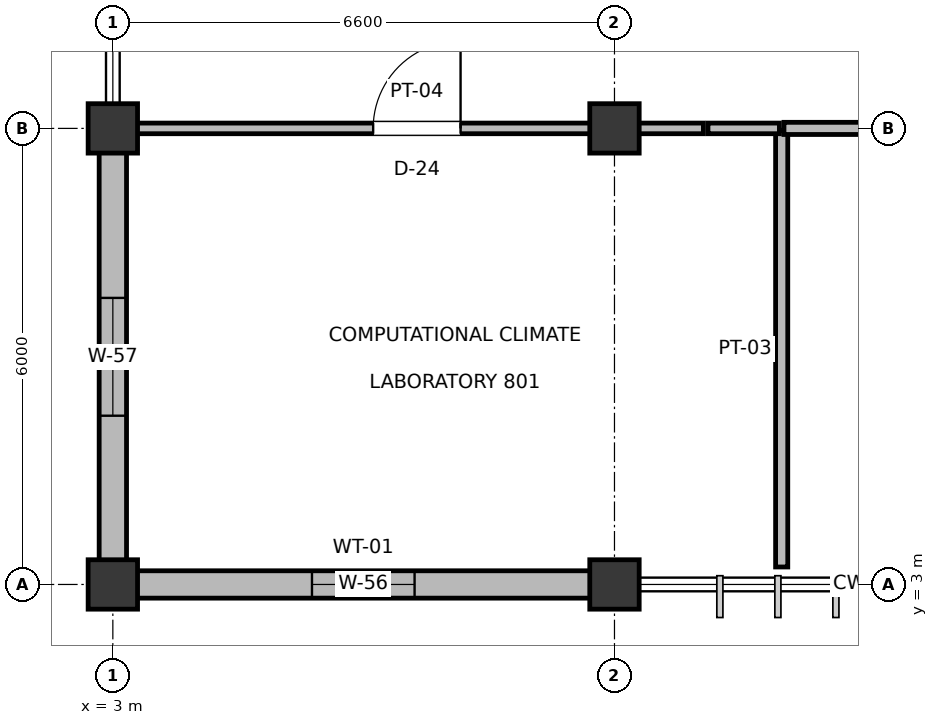
"""IFC4 building model, lengths in metres.
Left out: names, types, materials, properties, quantities, classifications, styles, units other than length and angle.
Written with IfcOpenShell. Run it as: python <this file> out.ifc"""

import sys

from ifc_helpers import new_model, si_unit, direction, frame, frame_2d, origin, origin_2d, place, context, subcontext, project, spatial, rectangle, extrude, element, fill, save


model = new_model("IFC4")
c1 = context("Model", 3, precision=1e-05, world=origin(), true_north=direction((0.0, 1.0)))
c2 = subcontext(c1, "Body", "Model", "MODEL_VIEW")
j1 = project(units=[si_unit("LENGTHUNIT", "METRE"), si_unit("PLANEANGLEUNIT", "RADIAN")], contexts=[c1])
p1 = place(None, origin())
s1 = spatial("IfcSite", under=j1, at=p1, CompositionType="ELEMENT")
p2 = place(p1, origin())
s2 = spatial("IfcBuilding", under=s1, at=p2, CompositionType="ELEMENT")
p3 = place(p2, frame((0.0, 0.0, 36.8)))
s3 = spatial("IfcBuildingStorey", under=s2, at=p3, CompositionType="ELEMENT", Elevation=36.8)
for number, where, z_axis, x_axis in (
    (1, (3.0, 3.0, 0.0), (0.0, 0.0, 1.0), (1.0, 0.0, 0.0)),
    (2, (3.0, 9.0, 0.0), (0.0, 0.0, 1.0), (1.0, 0.0, 0.0)),
    (3, (9.6, 3.0, 0.0), (0.0, 0.0, 1.0), (1.0, 0.0, 0.0)),
    (4, (9.6, 9.0, 0.0), (0.0, 0.0, 1.0), (1.0, 0.0, 0.0)),
):
    element("IfcColumn", number, at=place(p3, frame(where, z_axis=z_axis, x_axis=x_axis)), inside=s3, PredefinedType="COLUMN", context=c2, shape_type="SweptSolid", body=[
        extrude(rectangle(XDim=0.65, YDim=0.65, at=origin_2d()), origin(), (0.0, 0.0, 1.0), 3.8),
    ])
p4 = place(p3, frame((3.305, 3.0, 0.0), z_axis=(0.0, 0.0, 1.0), x_axis=(1.0, 0.0, 0.0)))
e5 = element("IfcWall", 5, at=p4, inside=s3, PredefinedType="SOLIDWALL", context=c2, shape_type="SweptSolid", body=[
    extrude(rectangle(XDim=5.98, YDim=0.36, at=frame_2d((2.99, 0.0))), origin(), (0.0, 0.0, 1.0), 2.875),
])
p5 = place(p4, frame((2.315, 0.0, 0.9)))
e6 = element("IfcOpeningElement", 6, at=p5, cuts=e5, PredefinedType="OPENING", context=c2, shape_type="SweptSolid", body=[
    extrude(rectangle(XDim=1.35, YDim=1.75, at=frame_2d((0.675, 0.875))), frame((0.0, 0.19, 0.0), z_axis=(0.0, -1.0, 0.0), x_axis=(1.0, 0.0, 0.0)), (0.0, 0.0, 1.0), 0.38),
])
p6 = place(p3, frame((3.0, 3.305, 0.0), z_axis=(0.0, 0.0, 1.0), x_axis=(0.0, 1.0, 0.0)))
e7 = element("IfcWall", 7, at=p6, inside=s3, PredefinedType="SOLIDWALL", context=c2, shape_type="SweptSolid", body=[
    extrude(rectangle(XDim=5.38, YDim=0.36, at=frame_2d((2.69, 0.0))), origin(), (0.0, 0.0, 1.0), 2.875),
])
p7 = place(p6, frame((1.915, 0.0, 0.9)))
e8 = element("IfcOpeningElement", 8, at=p7, cuts=e7, PredefinedType="OPENING", context=c2, shape_type="SweptSolid", body=[
    extrude(rectangle(XDim=1.55, YDim=1.15, at=frame_2d((0.775, 0.575))), frame((0.0, 0.19, 0.0), z_axis=(0.0, -1.0, 0.0), x_axis=(1.0, 0.0, 0.0)), (0.0, 0.0, 1.0), 0.38),
])
p8 = place(p3, frame((11.8, 3.23, 0.0), z_axis=(0.0, 0.0, 1.0), x_axis=(0.0, 1.0, 0.0)))
e9 = element("IfcWall", 9, at=p8, inside=s3, PredefinedType="PARTITIONING", context=c2, shape_type="SweptSolid", body=[
    extrude(rectangle(XDim=5.74, YDim=0.16, at=frame_2d((2.87, 0.0))), origin(), (0.0, 0.0, 1.0), 2.825),
])
p9 = place(p3, frame((3.23, 9.0, 0.0), z_axis=(0.0, 0.0, 1.0), x_axis=(1.0, 0.0, 0.0)))
e10 = element("IfcWall", 10, at=p9, inside=s3, PredefinedType="PARTITIONING", context=c2, shape_type="SweptSolid", body=[
    extrude(rectangle(XDim=7.54, YDim=0.14, at=frame_2d((3.77, 0.0))), origin(), (0.0, 0.0, 1.0), 2.655),
])
p10 = place(p9, frame((3.195, 0.0, 0.0)))
e11 = element("IfcOpeningElement", 11, at=p10, cuts=e10, PredefinedType="OPENING", context=c2, shape_type="SweptSolid", body=[
    extrude(rectangle(XDim=1.15, YDim=2.15, at=frame_2d((0.575, 1.075))), frame((0.0, 0.08, 0.0), z_axis=(0.0, -1.0, 0.0), x_axis=(1.0, 0.0, 0.0)), (0.0, 0.0, 1.0), 0.16),
])
p11 = place(p3, frame((10.83, 9.0, 0.0), z_axis=(0.0, 0.0, 1.0), x_axis=(1.0, 0.0, 0.0)))
e12 = element("IfcWall", 12, at=p11, inside=s3, PredefinedType="PARTITIONING", context=c2, shape_type="SweptSolid", body=[
    extrude(rectangle(XDim=0.94, YDim=0.14, at=frame_2d((0.47, 0.0))), origin(), (0.0, 0.0, 1.0), 2.825),
])
p12 = place(p3, frame((11.83, 9.0, 0.0), z_axis=(0.0, 0.0, 1.0), x_axis=(1.0, 0.0, 0.0)))
e13 = element("IfcWall", 13, at=p12, inside=s3, PredefinedType="PARTITIONING", context=c2, shape_type="SweptSolid", body=[
    extrude(rectangle(XDim=8.34, YDim=0.16, at=frame_2d((4.17, 0.0))), origin(), (0.0, 0.0, 1.0), 2.615),
])
p13 = place(p12, frame((2.68, 0.0, 0.0)))
e14 = element("IfcOpeningElement", 14, at=p13, cuts=e13, PredefinedType="OPENING", context=c2, shape_type="SweptSolid", body=[
    extrude(rectangle(XDim=1.18, YDim=2.2, at=frame_2d((0.59, 1.1))), frame((0.0, 0.09, 0.0), z_axis=(0.0, -1.0, 0.0), x_axis=(1.0, 0.0, 0.0)), (0.0, 0.0, 1.0), 0.18),
])
p14 = place(p5, frame((1.35, 0.0, 0.0), z_axis=(0.0, 0.0, 1.0), x_axis=(-1.0, 0.0, 0.0)))
e15 = element("IfcWindow", 15, at=p14, inside=s3, PartitioningType="DOUBLE_PANEL_VERTICAL", PredefinedType="WINDOW", context=c2, shape_type="SweptSolid", body=[
    extrude(rectangle(XDim=1.35, YDim=1.75, at=frame_2d((0.675, 0.875))), frame((0.0, 0.03, 0.0), z_axis=(0.0, -1.0, 0.0), x_axis=(1.0, 0.0, 0.0)), (0.0, 0.0, 1.0), 0.06),
])
fill(e6, e15)
p15 = place(p7, origin())
e16 = element("IfcWindow", 16, at=p15, inside=s3, PartitioningType="DOUBLE_PANEL_VERTICAL", PredefinedType="WINDOW", context=c2, shape_type="SweptSolid", body=[
    extrude(rectangle(XDim=1.55, YDim=1.15, at=frame_2d((0.775, 0.575))), frame((0.0, 0.03, 0.0), z_axis=(0.0, -1.0, 0.0), x_axis=(1.0, 0.0, 0.0)), (0.0, 0.0, 1.0), 0.06),
])
fill(e8, e16)
p16 = place(p10, origin())
e17 = element("IfcDoor", 17, at=p16, inside=s3, OperationType="SINGLE_SWING_RIGHT", PredefinedType="DOOR", context=c2, shape_type="SweptSolid", body=[
    extrude(rectangle(XDim=1.15, YDim=2.15, at=frame_2d((0.575, 1.075))), frame((0.0, 0.025, 0.0), z_axis=(0.0, -1.0, 0.0), x_axis=(1.0, 0.0, 0.0)), (0.0, 0.0, 1.0), 0.05),
])
fill(e11, e17)
save(model, sys.argv[1])

WHAT NEEDS TO BE DONE:
Report only the number of lines in the records that include the word "CompositionType".

PROBLEM SOLUTION:
3